__What you should do__: The copy you produce must repeat each record exactly and contain no pictures.

__The records__:

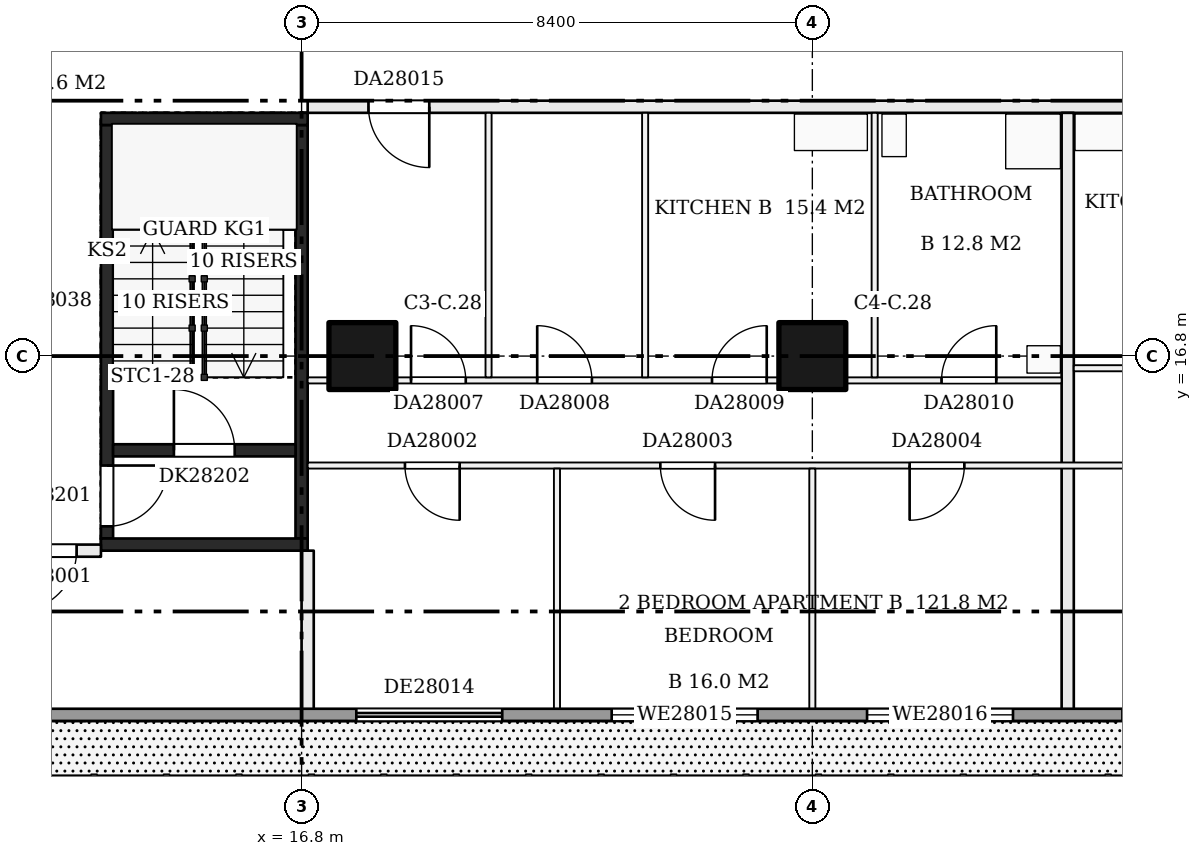
"""IFC4 building model, lengths in metres.
Left out: names, types, materials, properties, quantities, classifications, styles, units other than length and angle.
Written with IfcOpenShell. Run it as: python <this file> out.ifc"""

import sys

from ifc_helpers import new_model, si_unit, direction, frame, frame_2d, origin, origin_2d, place, context, subcontext, project, spatial, rectangle, extrude, element, fill, save


model = new_model("IFC4")
c1 = context("Model", 3, precision=1e-05, world=origin(), true_north=direction((0.0, 1.0)))
c2 = subcontext(c1, "Body", "Model", "MODEL_VIEW")
j1 = project(units=[si_unit("LENGTHUNIT", "METRE"), si_unit("PLANEANGLEUNIT", "RADIAN")], contexts=[c1])
p1 = place(None, origin())
s1 = spatial("IfcSite", under=j1, at=p1, CompositionType="ELEMENT")
p2 = place(p1, origin())
s2 = spatial("IfcBuilding", under=s1, at=p2, CompositionType="ELEMENT")
p3 = place(p2, frame((0.0, 0.0, 112.7)))
s3 = spatial("IfcBuildingStorey", under=s2, at=p3, CompositionType="ELEMENT", Elevation=112.7)
for number, where, z_axis, x_axis in (
    (1, (17.8, 16.8, 0.0), (0.0, 0.0, 1.0), (1.0, 0.0, 0.0)),
    (2, (25.2, 16.8, 0.0), (0.0, 0.0, 1.0), (1.0, 0.0, 0.0)),
):
    element("IfcColumn", number, at=place(p3, frame(where, z_axis=z_axis, x_axis=x_axis)), inside=s3, PredefinedType="COLUMN", context=c2, shape_type="SweptSolid", body=[
        extrude(rectangle(XDim=1.1, YDim=1.1, at=origin_2d()), origin(), (0.0, 0.0, 1.0), 3.22),
    ])
p4 = place(p3, frame((13.6, 13.8, 0.0), z_axis=(0.0, 0.0, 1.0), x_axis=(0.0, 1.0, 0.0)))
e3 = element("IfcWall", 3, at=p4, inside=s3, PredefinedType="SHEAR", context=c2, shape_type="SweptSolid", body=[
    extrude(rectangle(XDim=6.8, YDim=0.2, at=frame_2d((3.4, 0.0))), origin(), (0.0, 0.0, 1.0), 3.22),
])
p5 = place(p4, frame((0.2, 0.0, 0.0)))
e4 = element("IfcOpeningElement", 4, at=p5, cuts=e3, PredefinedType="OPENING", context=c2, shape_type="SweptSolid", body=[
    extrude(rectangle(XDim=1.0, YDim=2.1, at=frame_2d((0.5, 1.05))), frame((0.0, 0.11, 0.0), z_axis=(0.0, -1.0, 0.0), x_axis=(1.0, 0.0, 0.0)), (0.0, 0.0, 1.0), 0.22),
])
p6 = place(p3, frame((16.8, 13.8, 0.0), z_axis=(0.0, 0.0, 1.0), x_axis=(0.0, 1.0, 0.0)))
e5 = element("IfcWall", 5, at=p6, inside=s3, PredefinedType="SHEAR", context=c2, shape_type="SweptSolid", body=[
    extrude(rectangle(XDim=6.8, YDim=0.2, at=frame_2d((3.4, 0.0))), origin(), (0.0, 0.0, 1.0), 3.22),
])
for number, where, z_axis, x_axis in (
    (6, (13.5, 13.7, 0.0), (0.0, 0.0, 1.0), (1.0, 0.0, 0.0)),
    (7, (13.5, 20.7, 0.0), (0.0, 0.0, 1.0), (1.0, 0.0, 0.0)),
):
    element("IfcWall", number, at=place(p3, frame(where, z_axis=z_axis, x_axis=x_axis)), inside=s3, PredefinedType="SHEAR", context=c2, shape_type="SweptSolid", body=[
        extrude(rectangle(XDim=3.4, YDim=0.2, at=frame_2d((1.7, 0.0))), origin(), (0.0, 0.0, 1.0), 3.22),
    ])
p7 = place(p3, frame((13.7, 15.25, 0.0), z_axis=(0.0, 0.0, 1.0), x_axis=(1.0, 0.0, 0.0)))
e8 = element("IfcWall", 8, at=p7, inside=s3, PredefinedType="SHEAR", context=c2, shape_type="SweptSolid", body=[
    extrude(rectangle(XDim=3.0, YDim=0.2, at=frame_2d((1.5, 0.0))), origin(), (0.0, 0.0, 1.0), 3.22),
])
p8 = place(p7, frame((1.0, 0.0, 0.0)))
e9 = element("IfcOpeningElement", 9, at=p8, cuts=e8, PredefinedType="OPENING", context=c2, shape_type="SweptSolid", body=[
    extrude(rectangle(XDim=1.0, YDim=2.1, at=frame_2d((0.5, 1.05))), frame((0.0, 0.11, 0.0), z_axis=(0.0, -1.0, 0.0), x_axis=(1.0, 0.0, 0.0)), (0.0, 0.0, 1.0), 0.22),
])
p9 = place(p3, frame((11.7, 13.6, 0.0), z_axis=(0.0, 0.0, 1.0), x_axis=(1.0, 0.0, 0.0)))
e10 = element("IfcWall", 10, at=p9, inside=s3, PredefinedType="PARTITIONING", context=c2, shape_type="SweptSolid", body=[
    extrude(rectangle(XDim=1.8, YDim=0.2, at=frame_2d((0.9, 0.0))), origin(), (0.0, 0.0, 1.0), 3.22),
])
p10 = place(p9, frame((0.4, 0.0, 0.0)))
e11 = element("IfcOpeningElement", 11, at=p10, cuts=e10, PredefinedType="OPENING", context=c2, shape_type="SweptSolid", body=[
    extrude(rectangle(XDim=1.0, YDim=2.1, at=frame_2d((0.5, 1.05))), frame((0.0, 0.11, 0.0), z_axis=(0.0, -1.0, 0.0), x_axis=(1.0, 0.0, 0.0)), (0.0, 0.0, 1.0), 0.22),
])
p11 = place(p3, frame((16.9, 15.0, 0.0), z_axis=(0.0, 0.0, 1.0), x_axis=(1.0, 0.0, 0.0)))
e12 = element("IfcWall", 12, at=p11, inside=s3, PredefinedType="PARTITIONING", context=c2, shape_type="SweptSolid", body=[
    extrude(rectangle(XDim=23.1, YDim=0.1, at=frame_2d((11.55, 0.0))), origin(), (0.0, 0.0, 1.0), 3.22),
])
p12 = place(p11, frame((1.6, 0.0, 0.0)))
e13 = element("IfcOpeningElement", 13, at=p12, cuts=e12, PredefinedType="OPENING", context=c2, shape_type="SweptSolid", body=[
    extrude(rectangle(XDim=0.9, YDim=2.1, at=frame_2d((0.45, 1.05))), frame((0.0, 0.06, 0.0), z_axis=(0.0, -1.0, 0.0), x_axis=(1.0, 0.0, 0.0)), (0.0, 0.0, 1.0), 0.12),
])
p13 = place(p11, frame((5.8, 0.0, 0.0)))
e14 = element("IfcOpeningElement", 14, at=p13, cuts=e12, PredefinedType="OPENING", context=c2, shape_type="SweptSolid", body=[
    extrude(rectangle(XDim=0.9, YDim=2.1, at=frame_2d((0.45, 1.05))), frame((0.0, 0.06, 0.0), z_axis=(0.0, -1.0, 0.0), x_axis=(1.0, 0.0, 0.0)), (0.0, 0.0, 1.0), 0.12),
])
p14 = place(p11, frame((9.9, 0.0, 0.0)))
e15 = element("IfcOpeningElement", 15, at=p14, cuts=e12, PredefinedType="OPENING", context=c2, shape_type="SweptSolid", body=[
    extrude(rectangle(XDim=0.9, YDim=2.1, at=frame_2d((0.45, 1.05))), frame((0.0, 0.06, 0.0), z_axis=(0.0, -1.0, 0.0), x_axis=(1.0, 0.0, 0.0)), (0.0, 0.0, 1.0), 0.12),
])
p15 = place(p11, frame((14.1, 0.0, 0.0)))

__Answer space__:
"""IFC4 building model, lengths in metres.
Left out: names, types, materials, properties, quantities, classifications, styles, units other than length and angle.
Written with IfcOpenShell. Run it as: python <this file> out.ifc"""

import sys

from ifc_helpers import new_model, si_unit, direction, frame, frame_2d, origin, origin_2d, place, context, subcontext, project, spatial, rectangle, extrude, element, fill, save


model = new_model("IFC4")
c1 = context("Model", 3, precision=1e-05, world=origin(), true_north=direction((0.0, 1.0)))
c2 = subcontext(c1, "Body", "Model", "MODEL_VIEW")
j1 = project(units=[si_unit("LENGTHUNIT", "METRE"), si_unit("PLANEANGLEUNIT", "RADIAN")], contexts=[c1])
p1 = place(None, origin())
s1 = spatial("IfcSite", under=j1, at=p1, CompositionType="ELEMENT")
p2 = place(p1, origin())
s2 = spatial("IfcBuilding", under=s1, at=p2, CompositionType="ELEMENT")
p3 = place(p2, frame((0.0, 0.0, 112.7)))
s3 = spatial("IfcBuildingStorey", under=s2, at=p3, CompositionType="ELEMENT", Elevation=112.7)
for number, where, z_axis, x_axis in (
    (1, (17.8, 16.8, 0.0), (0.0, 0.0, 1.0), (1.0, 0.0, 0.0)),
    (2, (25.2, 16.8, 0.0), (0.0, 0.0, 1.0), (1.0, 0.0, 0.0)),
):
    element("IfcColumn", number, at=place(p3, frame(where, z_axis=z_axis, x_axis=x_axis)), inside=s3, PredefinedType="COLUMN", context=c2, shape_type="SweptSolid", body=[
        extrude(rectangle(XDim=1.1, YDim=1.1, at=origin_2d()), origin(), (0.0, 0.0, 1.0), 3.22),
    ])
p4 = place(p3, frame((13.6, 13.8, 0.0), z_axis=(0.0, 0.0, 1.0), x_axis=(0.0, 1.0, 0.0)))
e3 = element("IfcWall", 3, at=p4, inside=s3, PredefinedType="SHEAR", context=c2, shape_type="SweptSolid", body=[
    extrude(rectangle(XDim=6.8, YDim=0.2, at=frame_2d((3.4, 0.0))), origin(), (0.0, 0.0, 1.0), 3.22),
])
p5 = place(p4, frame((0.2, 0.0, 0.0)))
e4 = element("IfcOpeningElement", 4, at=p5, cuts=e3, PredefinedType="OPENING", context=c2, shape_type="SweptSolid", body=[
    extrude(rectangle(XDim=1.0, YDim=2.1, at=frame_2d((0.5, 1.05))), frame((0.0, 0.11, 0.0), z_axis=(0.0, -1.0, 0.0), x_axis=(1.0, 0.0, 0.0)), (0.0, 0.0, 1.0), 0.22),
])
p6 = place(p3, frame((16.8, 13.8, 0.0), z_axis=(0.0, 0.0, 1.0), x_axis=(0.0, 1.0, 0.0)))
e5 = element("IfcWall", 5, at=p6, inside=s3, PredefinedType="SHEAR", context=c2, shape_type="SweptSolid", body=[
    extrude(rectangle(XDim=6.8, YDim=0.2, at=frame_2d((3.4, 0.0))), origin(), (0.0, 0.0, 1.0), 3.22),
])
for number, where, z_axis, x_axis in (
    (6, (13.5, 13.7, 0.0), (0.0, 0.0, 1.0), (1.0, 0.0, 0.0)),
    (7, (13.5, 20.7, 0.0), (0.0, 0.0, 1.0), (1.0, 0.0, 0.0)),
):
    element("IfcWall", number, at=place(p3, frame(where, z_axis=z_axis, x_axis=x_axis)), inside=s3, PredefinedType="SHEAR", context=c2, shape_type="SweptSolid", body=[
        extrude(rectangle(XDim=3.4, YDim=0.2, at=frame_2d((1.7, 0.0))), origin(), (0.0, 0.0, 1.0), 3.22),
    ])
p7 = place(p3, frame((13.7, 15.25, 0.0), z_axis=(0.0, 0.0, 1.0), x_axis=(1.0, 0.0, 0.0)))
e8 = element("IfcWall", 8, at=p7, inside=s3, PredefinedType="SHEAR", context=c2, shape_type="SweptSolid", body=[
    extrude(rectangle(XDim=3.0, YDim=0.2, at=frame_2d((1.5, 0.0))), origin(), (0.0, 0.0, 1.0), 3.22),
])
p8 = place(p7, frame((1.0, 0.0, 0.0)))
e9 = element("IfcOpeningElement", 9, at=p8, cuts=e8, PredefinedType="OPENING", context=c2, shape_type="SweptSolid", body=[
    extrude(rectangle(XDim=1.0, YDim=2.1, at=frame_2d((0.5, 1.05))), frame((0.0, 0.11, 0.0), z_axis=(0.0, -1.0, 0.0), x_axis=(1.0, 0.0, 0.0)), (0.0, 0.0, 1.0), 0.22),
])
p9 = place(p3, frame((11.7, 13.6, 0.0), z_axis=(0.0, 0.0, 1.0), x_axis=(1.0, 0.0, 0.0)))
e10 = element("IfcWall", 10, at=p9, inside=s3, PredefinedType="PARTITIONING", context=c2, shape_type="SweptSolid", body=[
    extrude(rectangle(XDim=1.8, YDim=0.2, at=frame_2d((0.9, 0.0))), origin(), (0.0, 0.0, 1.0), 3.22),
])
p10 = place(p9, frame((0.4, 0.0, 0.0)))
e11 = element("IfcOpeningElement", 11, at=p10, cuts=e10, PredefinedType="OPENING", context=c2, shape_type="SweptSolid", body=[
    extrude(rectangle(XDim=1.0, YDim=2.1, at=frame_2d((0.5, 1.05))), frame((0.0, 0.11, 0.0), z_axis=(0.0, -1.0, 0.0), x_axis=(1.0, 0.0, 0.0)), (0.0, 0.0, 1.0), 0.22),
])
p11 = place(p3, frame((16.9, 15.0, 0.0), z_axis=(0.0, 0.0, 1.0), x_axis=(1.0, 0.0, 0.0)))
e12 = element("IfcWall", 12, at=p11, inside=s3, PredefinedType="PARTITIONING", context=c2, shape_type="SweptSolid", body=[
    extrude(rectangle(XDim=23.1, YDim=0.1, at=frame_2d((11.55, 0.0))), origin(), (0.0, 0.0, 1.0), 3.22),
])
p12 = place(p11, frame((1.6, 0.0, 0.0)))
e13 = element("IfcOpeningElement", 13, at=p12, cuts=e12, PredefinedType="OPENING", context=c2, shape_type="SweptSolid", body=[
    extrude(rectangle(XDim=0.9, YDim=2.1, at=frame_2d((0.45, 1.05))), frame((0.0, 0.06, 0.0), z_axis=(0.0, -1.0, 0.0), x_axis=(1.0, 0.0, 0.0)), (0.0, 0.0, 1.0), 0.12),
])
p13 = place(p11, frame((5.8, 0.0, 0.0)))
e14 = element("IfcOpeningElement", 14, at=p13, cuts=e12, PredefinedType="OPENING", context=c2, shape_type="SweptSolid", body=[
    extrude(rectangle(XDim=0.9, YDim=2.1, at=frame_2d((0.45, 1.05))), frame((0.0, 0.06, 0.0), z_axis=(0.0, -1.0, 0.0), x_axis=(1.0, 0.0, 0.0)), (0.0, 0.0, 1.0), 0.12),
])
p14 = place(p11, frame((9.9, 0.0, 0.0)))
e15 = element("IfcOpeningElement", 15, at=p14, cuts=e12, PredefinedType="OPENING", context=c2, shape_type="SweptSolid", body=[
    extrude(rectangle(XDim=0.9, YDim=2.1, at=frame_2d((0.45, 1.05))), frame((0.0, 0.06, 0.0), z_axis=(0.0, -1.0, 0.0), x_axis=(1.0, 0.0, 0.0)), (0.0, 0.0, 1.0), 0.12),
])
p15 = place(p11, frame((14.1, 0.0, 0.0)))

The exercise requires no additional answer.